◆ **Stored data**
== Segment start ==

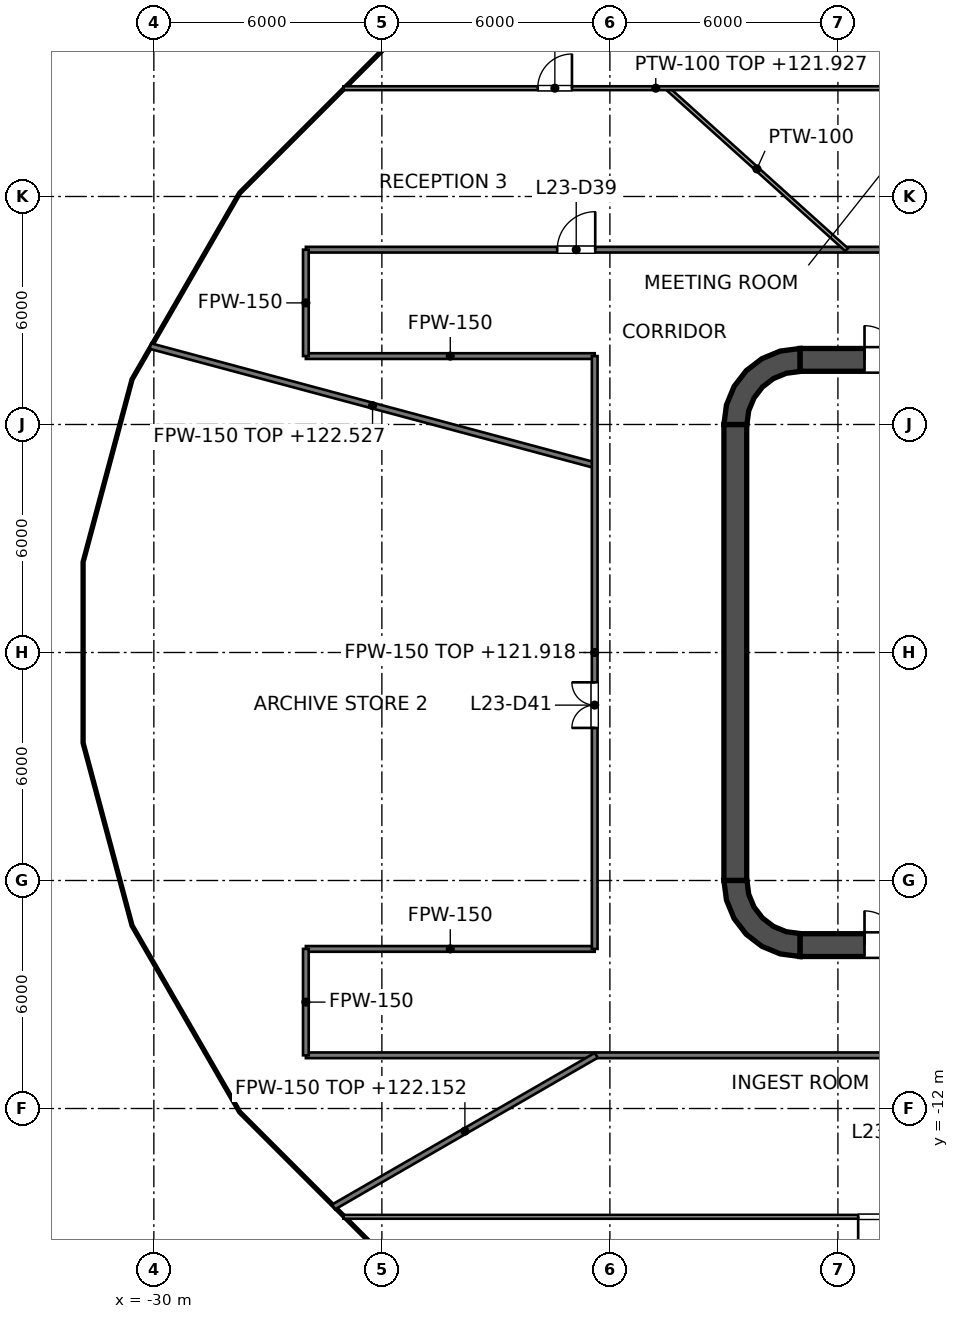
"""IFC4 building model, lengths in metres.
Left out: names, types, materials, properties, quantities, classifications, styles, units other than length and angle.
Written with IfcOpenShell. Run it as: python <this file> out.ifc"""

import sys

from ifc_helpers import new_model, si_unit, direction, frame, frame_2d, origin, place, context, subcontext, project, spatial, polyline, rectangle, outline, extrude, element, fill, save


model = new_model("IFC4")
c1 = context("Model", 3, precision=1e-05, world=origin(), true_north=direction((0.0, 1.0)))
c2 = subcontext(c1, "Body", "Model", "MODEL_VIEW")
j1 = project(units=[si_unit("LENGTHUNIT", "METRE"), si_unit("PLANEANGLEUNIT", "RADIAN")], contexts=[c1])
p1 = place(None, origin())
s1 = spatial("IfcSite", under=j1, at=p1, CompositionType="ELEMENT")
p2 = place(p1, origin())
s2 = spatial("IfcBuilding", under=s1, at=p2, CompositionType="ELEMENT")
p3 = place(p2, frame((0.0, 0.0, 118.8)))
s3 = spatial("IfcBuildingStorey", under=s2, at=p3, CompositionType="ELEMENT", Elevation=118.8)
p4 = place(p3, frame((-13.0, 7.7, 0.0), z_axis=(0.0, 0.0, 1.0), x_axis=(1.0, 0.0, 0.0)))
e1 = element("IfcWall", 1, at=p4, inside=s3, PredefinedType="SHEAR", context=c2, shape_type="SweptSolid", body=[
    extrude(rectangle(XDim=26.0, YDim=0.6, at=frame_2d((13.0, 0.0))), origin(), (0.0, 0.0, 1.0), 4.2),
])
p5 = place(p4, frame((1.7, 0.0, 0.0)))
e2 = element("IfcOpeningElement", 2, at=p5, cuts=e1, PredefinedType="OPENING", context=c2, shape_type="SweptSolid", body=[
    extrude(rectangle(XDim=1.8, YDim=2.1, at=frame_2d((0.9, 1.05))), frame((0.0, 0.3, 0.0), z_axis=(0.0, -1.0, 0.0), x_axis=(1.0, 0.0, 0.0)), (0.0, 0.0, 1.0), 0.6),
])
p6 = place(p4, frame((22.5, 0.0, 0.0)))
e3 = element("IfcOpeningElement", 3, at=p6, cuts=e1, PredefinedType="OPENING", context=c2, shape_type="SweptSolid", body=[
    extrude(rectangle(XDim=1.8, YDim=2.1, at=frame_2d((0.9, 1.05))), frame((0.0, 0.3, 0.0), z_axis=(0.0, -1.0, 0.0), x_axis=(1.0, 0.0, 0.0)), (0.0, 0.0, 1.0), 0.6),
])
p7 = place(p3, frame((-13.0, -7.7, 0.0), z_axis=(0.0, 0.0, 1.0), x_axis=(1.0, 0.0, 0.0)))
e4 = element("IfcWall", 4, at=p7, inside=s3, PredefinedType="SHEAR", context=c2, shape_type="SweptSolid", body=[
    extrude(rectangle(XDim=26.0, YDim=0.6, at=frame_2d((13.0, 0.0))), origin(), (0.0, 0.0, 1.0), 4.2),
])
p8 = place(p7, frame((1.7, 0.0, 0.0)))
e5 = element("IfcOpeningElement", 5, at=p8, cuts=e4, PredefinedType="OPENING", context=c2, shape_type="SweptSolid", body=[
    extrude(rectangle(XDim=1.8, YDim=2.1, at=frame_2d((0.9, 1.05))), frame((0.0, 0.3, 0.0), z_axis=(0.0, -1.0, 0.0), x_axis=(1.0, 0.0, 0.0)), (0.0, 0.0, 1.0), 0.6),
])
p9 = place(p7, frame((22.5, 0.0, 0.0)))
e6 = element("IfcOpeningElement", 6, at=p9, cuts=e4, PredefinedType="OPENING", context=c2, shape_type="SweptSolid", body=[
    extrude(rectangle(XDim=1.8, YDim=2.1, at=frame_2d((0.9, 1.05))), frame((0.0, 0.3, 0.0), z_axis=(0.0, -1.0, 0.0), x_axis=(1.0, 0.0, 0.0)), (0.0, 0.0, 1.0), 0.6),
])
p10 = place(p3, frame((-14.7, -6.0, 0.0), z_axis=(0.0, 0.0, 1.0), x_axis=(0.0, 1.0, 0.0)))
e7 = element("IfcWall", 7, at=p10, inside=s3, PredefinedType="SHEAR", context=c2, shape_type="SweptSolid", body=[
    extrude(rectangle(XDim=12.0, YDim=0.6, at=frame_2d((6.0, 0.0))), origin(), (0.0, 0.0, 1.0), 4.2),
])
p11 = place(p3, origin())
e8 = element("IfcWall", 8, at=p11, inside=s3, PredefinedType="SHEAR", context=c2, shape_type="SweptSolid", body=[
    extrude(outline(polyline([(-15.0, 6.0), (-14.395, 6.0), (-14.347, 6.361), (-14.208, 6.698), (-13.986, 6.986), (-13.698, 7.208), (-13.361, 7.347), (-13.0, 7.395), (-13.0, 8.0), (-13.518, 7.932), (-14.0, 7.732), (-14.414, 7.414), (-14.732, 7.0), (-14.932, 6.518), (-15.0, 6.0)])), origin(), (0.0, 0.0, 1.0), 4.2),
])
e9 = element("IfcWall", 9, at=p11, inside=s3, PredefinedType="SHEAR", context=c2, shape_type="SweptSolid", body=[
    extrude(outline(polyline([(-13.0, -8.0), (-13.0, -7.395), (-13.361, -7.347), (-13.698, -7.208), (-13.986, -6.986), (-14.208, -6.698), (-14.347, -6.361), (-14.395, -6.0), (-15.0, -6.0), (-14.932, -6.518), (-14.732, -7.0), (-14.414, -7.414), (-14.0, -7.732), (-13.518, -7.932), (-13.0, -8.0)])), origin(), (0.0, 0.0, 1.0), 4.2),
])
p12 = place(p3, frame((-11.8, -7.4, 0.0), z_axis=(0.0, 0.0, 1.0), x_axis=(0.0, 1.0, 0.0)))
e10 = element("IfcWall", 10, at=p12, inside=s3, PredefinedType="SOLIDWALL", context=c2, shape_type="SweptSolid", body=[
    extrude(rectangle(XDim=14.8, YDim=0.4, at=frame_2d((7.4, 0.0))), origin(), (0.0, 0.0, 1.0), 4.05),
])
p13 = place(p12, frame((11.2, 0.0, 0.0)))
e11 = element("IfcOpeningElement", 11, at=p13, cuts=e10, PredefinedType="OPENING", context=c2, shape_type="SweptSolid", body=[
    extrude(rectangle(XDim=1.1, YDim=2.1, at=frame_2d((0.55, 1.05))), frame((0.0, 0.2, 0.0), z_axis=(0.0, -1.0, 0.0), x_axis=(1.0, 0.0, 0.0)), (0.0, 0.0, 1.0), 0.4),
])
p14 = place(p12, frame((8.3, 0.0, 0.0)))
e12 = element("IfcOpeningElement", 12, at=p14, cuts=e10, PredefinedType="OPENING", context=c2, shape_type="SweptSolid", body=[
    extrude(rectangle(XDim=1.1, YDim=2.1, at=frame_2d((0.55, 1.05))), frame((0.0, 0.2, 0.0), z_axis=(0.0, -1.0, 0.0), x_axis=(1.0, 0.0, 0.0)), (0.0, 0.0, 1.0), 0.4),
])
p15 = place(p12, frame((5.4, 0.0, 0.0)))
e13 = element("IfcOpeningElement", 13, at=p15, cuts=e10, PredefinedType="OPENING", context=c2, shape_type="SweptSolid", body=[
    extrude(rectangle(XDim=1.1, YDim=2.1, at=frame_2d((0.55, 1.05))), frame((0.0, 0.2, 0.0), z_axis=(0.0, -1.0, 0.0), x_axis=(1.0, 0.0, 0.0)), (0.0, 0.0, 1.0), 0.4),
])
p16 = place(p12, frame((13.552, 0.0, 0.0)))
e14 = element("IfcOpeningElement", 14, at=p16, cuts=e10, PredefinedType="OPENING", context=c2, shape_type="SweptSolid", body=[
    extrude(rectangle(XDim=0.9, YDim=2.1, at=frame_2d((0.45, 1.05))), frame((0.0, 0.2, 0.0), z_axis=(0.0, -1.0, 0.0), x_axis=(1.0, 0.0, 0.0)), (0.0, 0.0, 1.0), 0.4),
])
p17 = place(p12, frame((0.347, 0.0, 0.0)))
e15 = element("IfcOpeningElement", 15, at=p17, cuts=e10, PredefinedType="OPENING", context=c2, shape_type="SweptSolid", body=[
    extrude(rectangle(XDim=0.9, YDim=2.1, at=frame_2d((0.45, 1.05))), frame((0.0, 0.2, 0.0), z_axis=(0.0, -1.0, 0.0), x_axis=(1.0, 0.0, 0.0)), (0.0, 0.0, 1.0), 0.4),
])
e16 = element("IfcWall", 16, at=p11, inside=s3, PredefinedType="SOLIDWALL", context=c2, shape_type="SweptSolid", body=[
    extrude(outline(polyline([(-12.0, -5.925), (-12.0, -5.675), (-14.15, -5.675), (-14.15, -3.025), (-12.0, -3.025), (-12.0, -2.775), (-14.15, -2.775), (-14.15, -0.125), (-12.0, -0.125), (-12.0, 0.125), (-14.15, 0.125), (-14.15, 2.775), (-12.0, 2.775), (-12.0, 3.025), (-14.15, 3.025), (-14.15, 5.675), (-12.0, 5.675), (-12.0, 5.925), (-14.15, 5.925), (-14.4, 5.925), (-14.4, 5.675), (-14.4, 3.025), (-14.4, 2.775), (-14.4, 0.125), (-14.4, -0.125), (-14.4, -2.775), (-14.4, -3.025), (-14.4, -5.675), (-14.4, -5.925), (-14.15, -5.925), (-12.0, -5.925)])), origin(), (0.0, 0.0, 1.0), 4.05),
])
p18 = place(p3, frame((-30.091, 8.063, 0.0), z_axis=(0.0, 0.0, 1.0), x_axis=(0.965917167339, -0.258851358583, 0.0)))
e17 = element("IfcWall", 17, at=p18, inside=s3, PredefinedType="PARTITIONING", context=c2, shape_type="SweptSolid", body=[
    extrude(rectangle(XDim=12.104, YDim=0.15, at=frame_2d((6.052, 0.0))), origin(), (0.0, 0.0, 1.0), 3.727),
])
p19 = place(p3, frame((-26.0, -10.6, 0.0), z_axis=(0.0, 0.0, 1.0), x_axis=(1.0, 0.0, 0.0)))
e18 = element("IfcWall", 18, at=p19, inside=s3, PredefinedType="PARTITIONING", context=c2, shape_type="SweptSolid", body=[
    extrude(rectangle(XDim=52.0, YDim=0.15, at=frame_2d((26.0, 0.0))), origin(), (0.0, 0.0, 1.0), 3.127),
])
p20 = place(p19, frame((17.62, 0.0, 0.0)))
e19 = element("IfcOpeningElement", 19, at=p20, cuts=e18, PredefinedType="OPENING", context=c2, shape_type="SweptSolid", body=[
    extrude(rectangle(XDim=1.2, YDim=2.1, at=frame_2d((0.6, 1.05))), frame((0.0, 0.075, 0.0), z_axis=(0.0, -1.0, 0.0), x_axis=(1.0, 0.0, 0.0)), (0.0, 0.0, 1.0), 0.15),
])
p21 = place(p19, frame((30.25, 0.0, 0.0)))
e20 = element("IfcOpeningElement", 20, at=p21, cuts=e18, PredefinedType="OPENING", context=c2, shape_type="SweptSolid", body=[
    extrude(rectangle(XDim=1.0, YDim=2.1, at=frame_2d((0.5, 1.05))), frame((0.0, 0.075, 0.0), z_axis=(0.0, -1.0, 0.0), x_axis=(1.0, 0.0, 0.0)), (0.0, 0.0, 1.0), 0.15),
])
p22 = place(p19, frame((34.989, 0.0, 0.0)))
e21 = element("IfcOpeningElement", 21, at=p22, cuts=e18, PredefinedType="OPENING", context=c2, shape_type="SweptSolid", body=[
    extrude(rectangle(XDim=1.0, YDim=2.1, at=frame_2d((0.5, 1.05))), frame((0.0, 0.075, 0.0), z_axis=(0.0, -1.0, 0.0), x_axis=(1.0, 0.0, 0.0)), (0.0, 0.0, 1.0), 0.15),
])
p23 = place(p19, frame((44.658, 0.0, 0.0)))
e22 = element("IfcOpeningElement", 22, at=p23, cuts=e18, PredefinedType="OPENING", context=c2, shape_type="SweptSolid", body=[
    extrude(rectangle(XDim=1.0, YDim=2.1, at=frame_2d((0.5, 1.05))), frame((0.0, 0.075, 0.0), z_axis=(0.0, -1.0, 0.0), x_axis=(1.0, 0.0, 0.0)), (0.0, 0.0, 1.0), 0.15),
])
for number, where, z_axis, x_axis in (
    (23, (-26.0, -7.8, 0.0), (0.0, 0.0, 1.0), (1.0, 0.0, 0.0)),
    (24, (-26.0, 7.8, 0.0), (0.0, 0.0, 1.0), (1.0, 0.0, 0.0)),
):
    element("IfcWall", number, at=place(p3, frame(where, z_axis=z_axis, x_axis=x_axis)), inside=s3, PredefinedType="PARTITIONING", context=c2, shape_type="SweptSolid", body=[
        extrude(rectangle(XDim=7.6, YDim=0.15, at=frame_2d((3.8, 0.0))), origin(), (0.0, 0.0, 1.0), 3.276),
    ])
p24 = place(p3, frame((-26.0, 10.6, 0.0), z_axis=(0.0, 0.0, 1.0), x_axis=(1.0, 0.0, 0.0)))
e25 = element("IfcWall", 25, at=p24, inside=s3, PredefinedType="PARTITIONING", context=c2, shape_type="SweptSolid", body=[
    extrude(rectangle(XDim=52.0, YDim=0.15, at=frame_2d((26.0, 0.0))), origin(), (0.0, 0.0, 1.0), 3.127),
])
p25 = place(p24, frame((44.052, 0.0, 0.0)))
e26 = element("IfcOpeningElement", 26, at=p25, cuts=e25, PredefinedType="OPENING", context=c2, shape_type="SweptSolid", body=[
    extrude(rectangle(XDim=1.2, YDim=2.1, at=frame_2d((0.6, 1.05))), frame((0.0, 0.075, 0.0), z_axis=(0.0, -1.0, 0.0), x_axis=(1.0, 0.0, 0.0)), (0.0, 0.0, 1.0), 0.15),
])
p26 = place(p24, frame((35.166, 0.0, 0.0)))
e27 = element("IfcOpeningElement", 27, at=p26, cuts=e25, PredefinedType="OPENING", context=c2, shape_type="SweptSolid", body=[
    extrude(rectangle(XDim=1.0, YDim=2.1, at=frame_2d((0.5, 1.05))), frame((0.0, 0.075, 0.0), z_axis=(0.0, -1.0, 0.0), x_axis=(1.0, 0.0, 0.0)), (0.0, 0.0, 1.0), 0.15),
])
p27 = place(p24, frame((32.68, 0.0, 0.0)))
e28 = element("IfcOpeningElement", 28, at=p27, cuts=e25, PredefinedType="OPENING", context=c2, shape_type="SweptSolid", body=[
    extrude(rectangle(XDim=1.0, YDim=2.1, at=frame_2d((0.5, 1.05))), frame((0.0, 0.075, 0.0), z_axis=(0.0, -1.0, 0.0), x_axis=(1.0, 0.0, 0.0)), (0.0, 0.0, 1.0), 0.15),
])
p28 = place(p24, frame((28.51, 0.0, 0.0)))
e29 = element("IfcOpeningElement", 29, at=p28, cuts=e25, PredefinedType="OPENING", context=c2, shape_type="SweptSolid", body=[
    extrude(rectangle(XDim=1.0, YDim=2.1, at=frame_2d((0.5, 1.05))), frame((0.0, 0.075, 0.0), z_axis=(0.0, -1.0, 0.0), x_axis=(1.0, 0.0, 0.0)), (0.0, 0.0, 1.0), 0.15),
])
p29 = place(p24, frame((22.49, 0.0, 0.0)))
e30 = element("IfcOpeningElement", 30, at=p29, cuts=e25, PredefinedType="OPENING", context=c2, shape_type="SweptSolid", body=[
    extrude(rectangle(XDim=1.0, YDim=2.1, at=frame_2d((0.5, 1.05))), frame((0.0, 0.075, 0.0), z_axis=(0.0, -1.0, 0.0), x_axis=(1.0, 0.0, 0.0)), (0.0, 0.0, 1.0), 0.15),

== Segment end ==

From the line holding "p29 = place(p24, frame((22.49, 0.0, 0.0)))" down to the final line above, quote every line exactly and only those lines.

p29 = place(p24, frame((22.49, 0.0, 0.0)))
e30 = element("IfcOpeningElement", 30, at=p29, cuts=e25, PredefinedType="OPENING", context=c2, shape_type="SweptSolid", body=[
    extrude(rectangle(XDim=1.0, YDim=2.1, at=frame_2d((0.5, 1.05))), frame((0.0, 0.075, 0.0), z_axis=(0.0, -1.0, 0.0), x_axis=(1.0, 0.0, 0.0)), (0.0, 0.0, 1.0), 0.15),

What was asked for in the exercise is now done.